What the task asks:
Report each line of the data that includes the word "subcontext".

Extracted data:
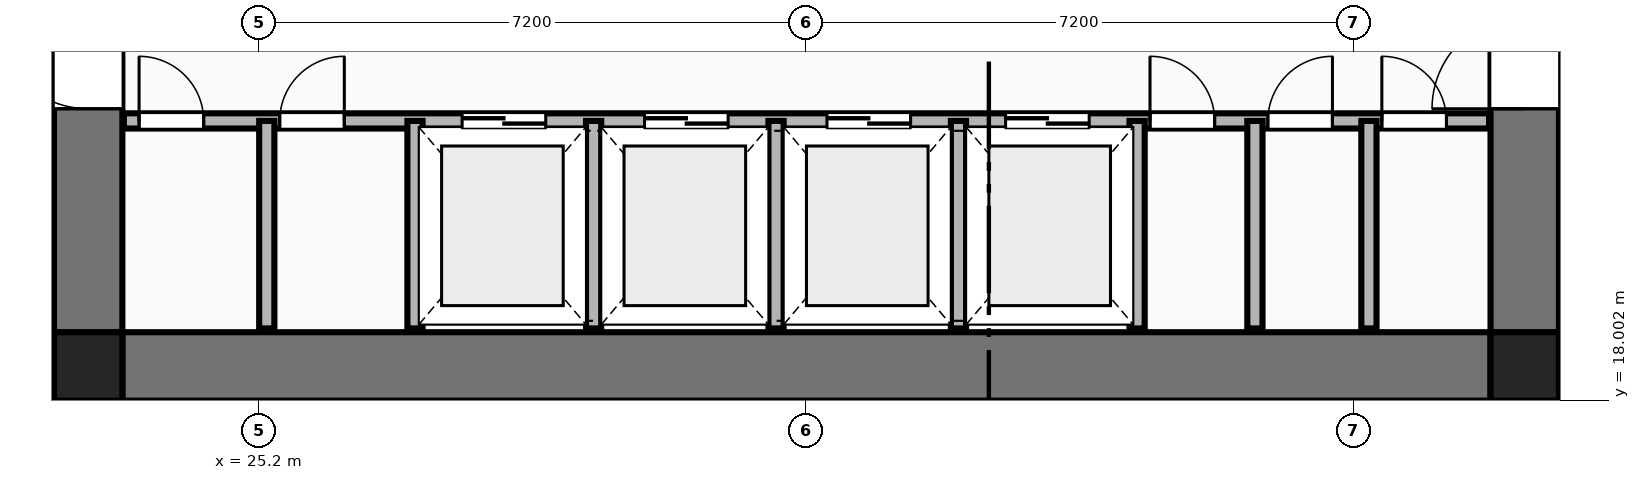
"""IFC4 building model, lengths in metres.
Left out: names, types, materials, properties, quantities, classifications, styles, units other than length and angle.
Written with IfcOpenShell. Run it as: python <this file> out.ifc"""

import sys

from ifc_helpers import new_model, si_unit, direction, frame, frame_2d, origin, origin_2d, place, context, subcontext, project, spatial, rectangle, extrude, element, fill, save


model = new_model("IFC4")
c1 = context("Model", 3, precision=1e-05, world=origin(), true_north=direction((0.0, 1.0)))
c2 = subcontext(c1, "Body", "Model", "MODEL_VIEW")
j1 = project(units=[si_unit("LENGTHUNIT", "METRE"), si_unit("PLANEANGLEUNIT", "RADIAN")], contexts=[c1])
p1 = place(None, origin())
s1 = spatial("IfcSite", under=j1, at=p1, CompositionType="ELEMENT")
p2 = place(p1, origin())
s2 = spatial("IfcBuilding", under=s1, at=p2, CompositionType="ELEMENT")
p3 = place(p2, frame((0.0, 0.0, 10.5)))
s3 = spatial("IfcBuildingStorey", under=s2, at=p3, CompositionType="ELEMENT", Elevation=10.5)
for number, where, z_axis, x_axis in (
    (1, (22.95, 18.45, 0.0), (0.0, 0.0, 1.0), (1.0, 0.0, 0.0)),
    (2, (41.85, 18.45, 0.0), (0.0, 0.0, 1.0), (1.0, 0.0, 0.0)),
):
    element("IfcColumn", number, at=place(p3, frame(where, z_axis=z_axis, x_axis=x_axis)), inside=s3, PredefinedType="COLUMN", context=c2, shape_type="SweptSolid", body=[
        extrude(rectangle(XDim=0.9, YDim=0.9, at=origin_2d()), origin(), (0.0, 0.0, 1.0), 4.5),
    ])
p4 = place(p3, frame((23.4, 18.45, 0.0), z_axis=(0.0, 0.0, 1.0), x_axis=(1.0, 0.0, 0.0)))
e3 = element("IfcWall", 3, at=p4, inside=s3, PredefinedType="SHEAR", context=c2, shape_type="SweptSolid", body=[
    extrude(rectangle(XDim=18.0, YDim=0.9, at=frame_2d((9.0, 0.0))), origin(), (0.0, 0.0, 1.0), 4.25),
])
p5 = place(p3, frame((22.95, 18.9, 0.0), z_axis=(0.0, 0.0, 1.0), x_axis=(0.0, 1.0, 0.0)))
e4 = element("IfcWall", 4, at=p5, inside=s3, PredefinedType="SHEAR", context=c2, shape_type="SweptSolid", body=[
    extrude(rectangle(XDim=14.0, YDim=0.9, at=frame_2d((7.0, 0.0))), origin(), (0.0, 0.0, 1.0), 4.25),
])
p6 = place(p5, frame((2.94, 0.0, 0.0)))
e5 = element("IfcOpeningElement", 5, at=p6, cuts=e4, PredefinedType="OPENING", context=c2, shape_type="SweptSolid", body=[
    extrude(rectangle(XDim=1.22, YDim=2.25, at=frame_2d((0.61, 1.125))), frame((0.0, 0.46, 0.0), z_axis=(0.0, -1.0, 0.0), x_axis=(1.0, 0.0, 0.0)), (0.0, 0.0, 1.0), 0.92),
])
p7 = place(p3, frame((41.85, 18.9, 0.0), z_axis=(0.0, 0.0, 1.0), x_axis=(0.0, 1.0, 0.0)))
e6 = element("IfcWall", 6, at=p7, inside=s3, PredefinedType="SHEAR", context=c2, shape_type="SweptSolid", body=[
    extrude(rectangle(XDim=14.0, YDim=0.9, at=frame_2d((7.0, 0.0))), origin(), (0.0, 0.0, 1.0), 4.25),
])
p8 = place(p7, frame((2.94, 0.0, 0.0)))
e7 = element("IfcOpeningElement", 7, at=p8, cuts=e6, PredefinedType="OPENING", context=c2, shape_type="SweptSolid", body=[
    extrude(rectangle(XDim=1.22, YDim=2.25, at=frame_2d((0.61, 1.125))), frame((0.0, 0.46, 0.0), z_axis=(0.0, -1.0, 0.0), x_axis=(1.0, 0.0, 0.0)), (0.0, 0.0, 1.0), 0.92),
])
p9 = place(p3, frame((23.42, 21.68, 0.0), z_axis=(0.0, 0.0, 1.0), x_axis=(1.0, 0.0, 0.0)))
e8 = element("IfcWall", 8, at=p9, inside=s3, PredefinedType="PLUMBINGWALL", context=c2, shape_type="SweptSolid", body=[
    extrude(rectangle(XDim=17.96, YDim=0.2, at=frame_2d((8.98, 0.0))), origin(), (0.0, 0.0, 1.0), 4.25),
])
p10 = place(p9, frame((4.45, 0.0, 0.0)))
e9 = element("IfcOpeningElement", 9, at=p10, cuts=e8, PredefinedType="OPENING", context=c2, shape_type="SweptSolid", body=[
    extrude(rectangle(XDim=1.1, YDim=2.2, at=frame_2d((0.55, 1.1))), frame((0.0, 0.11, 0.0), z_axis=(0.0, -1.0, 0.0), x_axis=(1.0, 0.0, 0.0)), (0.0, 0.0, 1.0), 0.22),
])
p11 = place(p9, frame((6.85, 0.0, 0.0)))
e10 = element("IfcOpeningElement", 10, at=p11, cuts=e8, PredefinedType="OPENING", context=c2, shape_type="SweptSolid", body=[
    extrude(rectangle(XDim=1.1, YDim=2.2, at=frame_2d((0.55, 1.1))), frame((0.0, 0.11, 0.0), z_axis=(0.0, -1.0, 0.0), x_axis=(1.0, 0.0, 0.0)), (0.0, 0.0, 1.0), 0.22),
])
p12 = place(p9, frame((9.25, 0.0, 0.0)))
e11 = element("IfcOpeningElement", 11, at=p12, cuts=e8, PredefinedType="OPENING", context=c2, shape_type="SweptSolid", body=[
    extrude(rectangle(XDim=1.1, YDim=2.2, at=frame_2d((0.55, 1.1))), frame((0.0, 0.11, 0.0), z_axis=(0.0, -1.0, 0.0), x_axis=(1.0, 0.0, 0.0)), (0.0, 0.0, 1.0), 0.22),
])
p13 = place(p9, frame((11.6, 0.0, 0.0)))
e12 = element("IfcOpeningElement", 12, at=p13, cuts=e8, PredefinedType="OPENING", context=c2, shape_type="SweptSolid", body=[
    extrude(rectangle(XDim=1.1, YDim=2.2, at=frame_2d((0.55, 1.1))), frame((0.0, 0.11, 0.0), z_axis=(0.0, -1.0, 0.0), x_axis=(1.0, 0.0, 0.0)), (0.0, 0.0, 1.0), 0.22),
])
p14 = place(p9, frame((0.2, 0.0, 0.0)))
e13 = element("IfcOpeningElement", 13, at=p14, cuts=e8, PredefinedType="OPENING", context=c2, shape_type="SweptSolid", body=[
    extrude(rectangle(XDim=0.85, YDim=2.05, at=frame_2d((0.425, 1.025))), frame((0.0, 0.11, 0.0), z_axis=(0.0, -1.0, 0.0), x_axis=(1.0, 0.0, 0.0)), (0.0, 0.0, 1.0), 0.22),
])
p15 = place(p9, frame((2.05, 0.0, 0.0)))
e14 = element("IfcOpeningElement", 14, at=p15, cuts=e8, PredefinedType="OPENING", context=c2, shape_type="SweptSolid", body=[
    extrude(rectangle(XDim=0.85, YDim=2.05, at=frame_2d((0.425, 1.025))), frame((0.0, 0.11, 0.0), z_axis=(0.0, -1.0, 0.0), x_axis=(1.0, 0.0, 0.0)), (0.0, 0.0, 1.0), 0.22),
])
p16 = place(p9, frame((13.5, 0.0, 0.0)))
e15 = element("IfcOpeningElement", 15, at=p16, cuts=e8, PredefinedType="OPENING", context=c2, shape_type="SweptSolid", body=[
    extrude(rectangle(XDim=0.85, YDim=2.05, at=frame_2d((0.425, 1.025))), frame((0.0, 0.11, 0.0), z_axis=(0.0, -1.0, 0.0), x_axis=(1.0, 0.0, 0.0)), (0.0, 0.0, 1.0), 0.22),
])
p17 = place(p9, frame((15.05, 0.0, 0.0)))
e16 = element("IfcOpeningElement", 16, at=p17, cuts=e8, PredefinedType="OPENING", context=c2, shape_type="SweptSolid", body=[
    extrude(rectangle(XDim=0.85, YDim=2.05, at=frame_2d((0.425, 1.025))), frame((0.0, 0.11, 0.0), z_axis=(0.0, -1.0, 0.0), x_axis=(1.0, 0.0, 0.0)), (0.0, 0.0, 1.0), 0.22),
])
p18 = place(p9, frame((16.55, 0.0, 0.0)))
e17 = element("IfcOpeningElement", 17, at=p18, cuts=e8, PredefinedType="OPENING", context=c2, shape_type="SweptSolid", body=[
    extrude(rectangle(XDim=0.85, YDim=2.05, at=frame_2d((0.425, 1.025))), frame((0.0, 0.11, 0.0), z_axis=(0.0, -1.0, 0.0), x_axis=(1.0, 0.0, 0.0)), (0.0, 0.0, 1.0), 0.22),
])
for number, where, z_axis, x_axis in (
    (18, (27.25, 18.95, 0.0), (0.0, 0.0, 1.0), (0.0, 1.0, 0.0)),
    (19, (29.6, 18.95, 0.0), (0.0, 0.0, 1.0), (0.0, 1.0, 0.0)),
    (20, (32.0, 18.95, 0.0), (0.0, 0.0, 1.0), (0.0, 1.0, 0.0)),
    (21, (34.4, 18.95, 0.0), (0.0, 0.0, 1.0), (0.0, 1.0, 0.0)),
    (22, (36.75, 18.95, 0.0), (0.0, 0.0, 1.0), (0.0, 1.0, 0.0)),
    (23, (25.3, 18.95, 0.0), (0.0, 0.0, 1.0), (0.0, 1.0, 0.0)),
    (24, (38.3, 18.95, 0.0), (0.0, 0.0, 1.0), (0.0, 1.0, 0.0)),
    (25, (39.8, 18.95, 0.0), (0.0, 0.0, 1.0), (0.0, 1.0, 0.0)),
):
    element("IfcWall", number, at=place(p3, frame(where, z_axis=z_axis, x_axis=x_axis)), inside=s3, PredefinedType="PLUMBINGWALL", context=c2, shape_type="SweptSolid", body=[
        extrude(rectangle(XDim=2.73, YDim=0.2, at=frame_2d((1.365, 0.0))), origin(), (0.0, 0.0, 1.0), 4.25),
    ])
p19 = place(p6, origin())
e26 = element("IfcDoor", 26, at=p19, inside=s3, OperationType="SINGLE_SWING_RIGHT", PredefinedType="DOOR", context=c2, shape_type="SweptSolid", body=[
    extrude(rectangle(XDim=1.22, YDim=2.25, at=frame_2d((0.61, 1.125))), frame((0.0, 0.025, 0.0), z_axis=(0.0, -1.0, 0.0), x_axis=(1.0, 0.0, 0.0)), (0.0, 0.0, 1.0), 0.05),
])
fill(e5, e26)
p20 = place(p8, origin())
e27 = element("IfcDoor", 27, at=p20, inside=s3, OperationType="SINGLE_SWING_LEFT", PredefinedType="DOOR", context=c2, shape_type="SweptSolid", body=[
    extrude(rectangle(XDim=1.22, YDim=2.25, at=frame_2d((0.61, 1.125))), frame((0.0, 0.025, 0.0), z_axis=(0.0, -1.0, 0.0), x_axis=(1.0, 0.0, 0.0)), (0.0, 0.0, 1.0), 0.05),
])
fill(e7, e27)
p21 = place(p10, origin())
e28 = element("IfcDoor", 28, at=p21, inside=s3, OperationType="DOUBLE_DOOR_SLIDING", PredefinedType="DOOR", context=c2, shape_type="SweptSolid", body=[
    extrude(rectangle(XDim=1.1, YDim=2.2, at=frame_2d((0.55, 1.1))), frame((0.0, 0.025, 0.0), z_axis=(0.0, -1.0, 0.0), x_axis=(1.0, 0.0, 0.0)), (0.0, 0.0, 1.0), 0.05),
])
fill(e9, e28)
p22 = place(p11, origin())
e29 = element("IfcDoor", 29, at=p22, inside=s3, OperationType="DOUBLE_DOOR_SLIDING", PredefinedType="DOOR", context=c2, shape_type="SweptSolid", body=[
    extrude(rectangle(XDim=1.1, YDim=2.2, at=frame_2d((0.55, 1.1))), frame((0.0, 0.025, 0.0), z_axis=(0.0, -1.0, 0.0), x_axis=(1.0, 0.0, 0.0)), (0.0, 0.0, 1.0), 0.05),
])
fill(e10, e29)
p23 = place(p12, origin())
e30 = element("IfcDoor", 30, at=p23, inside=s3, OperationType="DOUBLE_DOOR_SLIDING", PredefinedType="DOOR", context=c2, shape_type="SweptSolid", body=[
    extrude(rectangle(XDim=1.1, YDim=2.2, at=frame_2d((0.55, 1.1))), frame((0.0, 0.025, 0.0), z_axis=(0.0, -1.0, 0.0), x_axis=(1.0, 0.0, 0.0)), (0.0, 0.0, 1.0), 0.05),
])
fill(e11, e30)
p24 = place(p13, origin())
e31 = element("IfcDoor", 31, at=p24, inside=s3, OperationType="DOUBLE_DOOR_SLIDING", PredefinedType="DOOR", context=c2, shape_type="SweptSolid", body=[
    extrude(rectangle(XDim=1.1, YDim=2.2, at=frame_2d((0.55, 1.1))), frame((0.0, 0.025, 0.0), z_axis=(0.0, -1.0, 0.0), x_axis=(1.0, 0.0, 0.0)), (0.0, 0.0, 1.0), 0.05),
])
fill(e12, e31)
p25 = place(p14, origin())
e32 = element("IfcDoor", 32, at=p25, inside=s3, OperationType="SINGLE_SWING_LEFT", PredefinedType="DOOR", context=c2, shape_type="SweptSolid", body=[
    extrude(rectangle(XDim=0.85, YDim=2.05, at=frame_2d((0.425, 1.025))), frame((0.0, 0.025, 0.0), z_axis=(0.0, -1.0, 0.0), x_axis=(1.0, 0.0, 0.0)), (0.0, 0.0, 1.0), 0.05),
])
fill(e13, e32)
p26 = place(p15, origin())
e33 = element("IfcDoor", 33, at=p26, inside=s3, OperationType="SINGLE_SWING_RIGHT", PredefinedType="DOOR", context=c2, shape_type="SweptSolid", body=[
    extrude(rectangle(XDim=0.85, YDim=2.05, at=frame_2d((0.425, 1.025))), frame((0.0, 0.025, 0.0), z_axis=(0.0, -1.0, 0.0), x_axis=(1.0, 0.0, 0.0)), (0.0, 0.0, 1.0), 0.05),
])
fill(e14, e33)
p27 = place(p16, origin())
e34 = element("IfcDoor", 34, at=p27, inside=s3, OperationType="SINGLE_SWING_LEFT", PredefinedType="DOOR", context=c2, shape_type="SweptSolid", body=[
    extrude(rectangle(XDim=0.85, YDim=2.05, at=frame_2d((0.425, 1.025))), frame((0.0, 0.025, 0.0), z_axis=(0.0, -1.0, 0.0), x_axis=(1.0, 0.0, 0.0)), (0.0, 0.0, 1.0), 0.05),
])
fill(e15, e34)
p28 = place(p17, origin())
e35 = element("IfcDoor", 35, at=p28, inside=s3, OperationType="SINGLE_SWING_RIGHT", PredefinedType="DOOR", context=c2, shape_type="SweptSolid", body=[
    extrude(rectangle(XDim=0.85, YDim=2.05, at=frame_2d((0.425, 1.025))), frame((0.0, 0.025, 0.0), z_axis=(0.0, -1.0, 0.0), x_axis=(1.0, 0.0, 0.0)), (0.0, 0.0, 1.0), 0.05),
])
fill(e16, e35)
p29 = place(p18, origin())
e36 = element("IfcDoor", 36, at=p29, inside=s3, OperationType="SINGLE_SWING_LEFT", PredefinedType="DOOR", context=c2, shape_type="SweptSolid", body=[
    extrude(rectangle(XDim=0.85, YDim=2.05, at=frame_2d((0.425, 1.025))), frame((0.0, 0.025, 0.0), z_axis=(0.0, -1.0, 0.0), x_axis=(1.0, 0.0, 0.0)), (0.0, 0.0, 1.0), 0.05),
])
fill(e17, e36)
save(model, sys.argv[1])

Result:
from ifc_helpers import new_model, si_unit, direction, frame, frame_2d, origin, origin_2d, place, context, subcontext, project, spatial, rectangle, extrude, element, fill, save
c2 = subcontext(c1, "Body", "Model", "MODEL_VIEW")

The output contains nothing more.